# WORK ORDER:
Reply with nothing but the number of lines in the data below where the word "mode" occurs.

# EXERCISE MATERIAL:

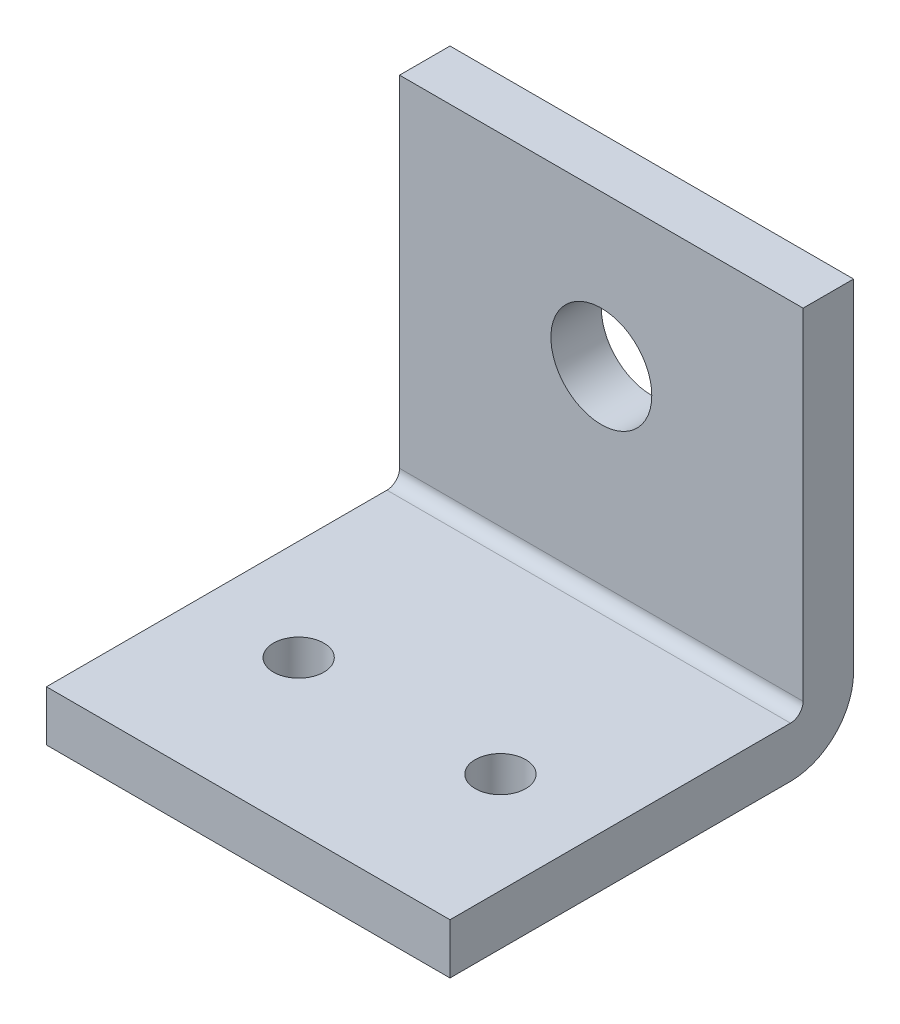
from build123d import *

# Parameters (mm, degrees)
BOSS_EXTRUDE1_DEPTH = 40
SKETCH2_R           = 5
CUT_EXTRUDE1_DEPTH  = 40
SKETCH3_R           = 2.5
CUT_EXTRUDE2_DEPTH  = 40


with BuildPart() as part:
    # Sketch1 → Boss-Extrude1 (new body)
    with BuildSketch(Plane(origin=(0, 0, 0), x_dir=(0, 0, -1), z_dir=(1, 0, 0))):
        with BuildLine():
            Line((11.805555556, 25.625), (11.805555556, -8.125))
            ThreePointArc((11.805555556, -8.125), (11.439439032, -9.008883476), (10.555555556, -9.375))
            Line((10.555555556, -9.375), (-23.194444444, -9.375))
            Line((-23.194444444, -9.375), (-23.194444444, -14.375))
            Line((-23.194444444, -14.375), (10.555555556, -14.375))
            ThreePointArc((10.555555556, -14.375), (14.974972938, -12.544417382), (16.805555556, -8.125))
            Line((16.805555556, -8.125), (16.805555556, 25.625))
            Line((16.805555556, 25.625), (11.805555556, 25.625))
        make_face()
    extrude(amount=-BOSS_EXTRUDE1_DEPTH)

    # Sketch2 → Cut-Extrude1 (cut)
    with BuildSketch(Plane.XY.offset(-11.805555556)):
        with Locations((-20, 10.625)):
            Circle(SKETCH2_R)
    extrude(amount=-CUT_EXTRUDE1_DEPTH, mode=Mode.SUBTRACT)

    # Sketch3 → Cut-Extrude2 (cut)
    with BuildSketch(Plane(origin=(0, -9.375, 0), x_dir=(1, 0, 0), z_dir=(0, 1, 0))):
        with Locations(Location((-30, -8.194444444, 0), (0, 0, 270))):
            Circle(SKETCH3_R)
        with Locations(Location((-10, -8.194444444, 0), (0, 0, 270))):
            Circle(SKETCH3_R)
    extrude(amount=-CUT_EXTRUDE2_DEPTH, mode=Mode.SUBTRACT)


solid = part.part

# ANSWER AREA:
2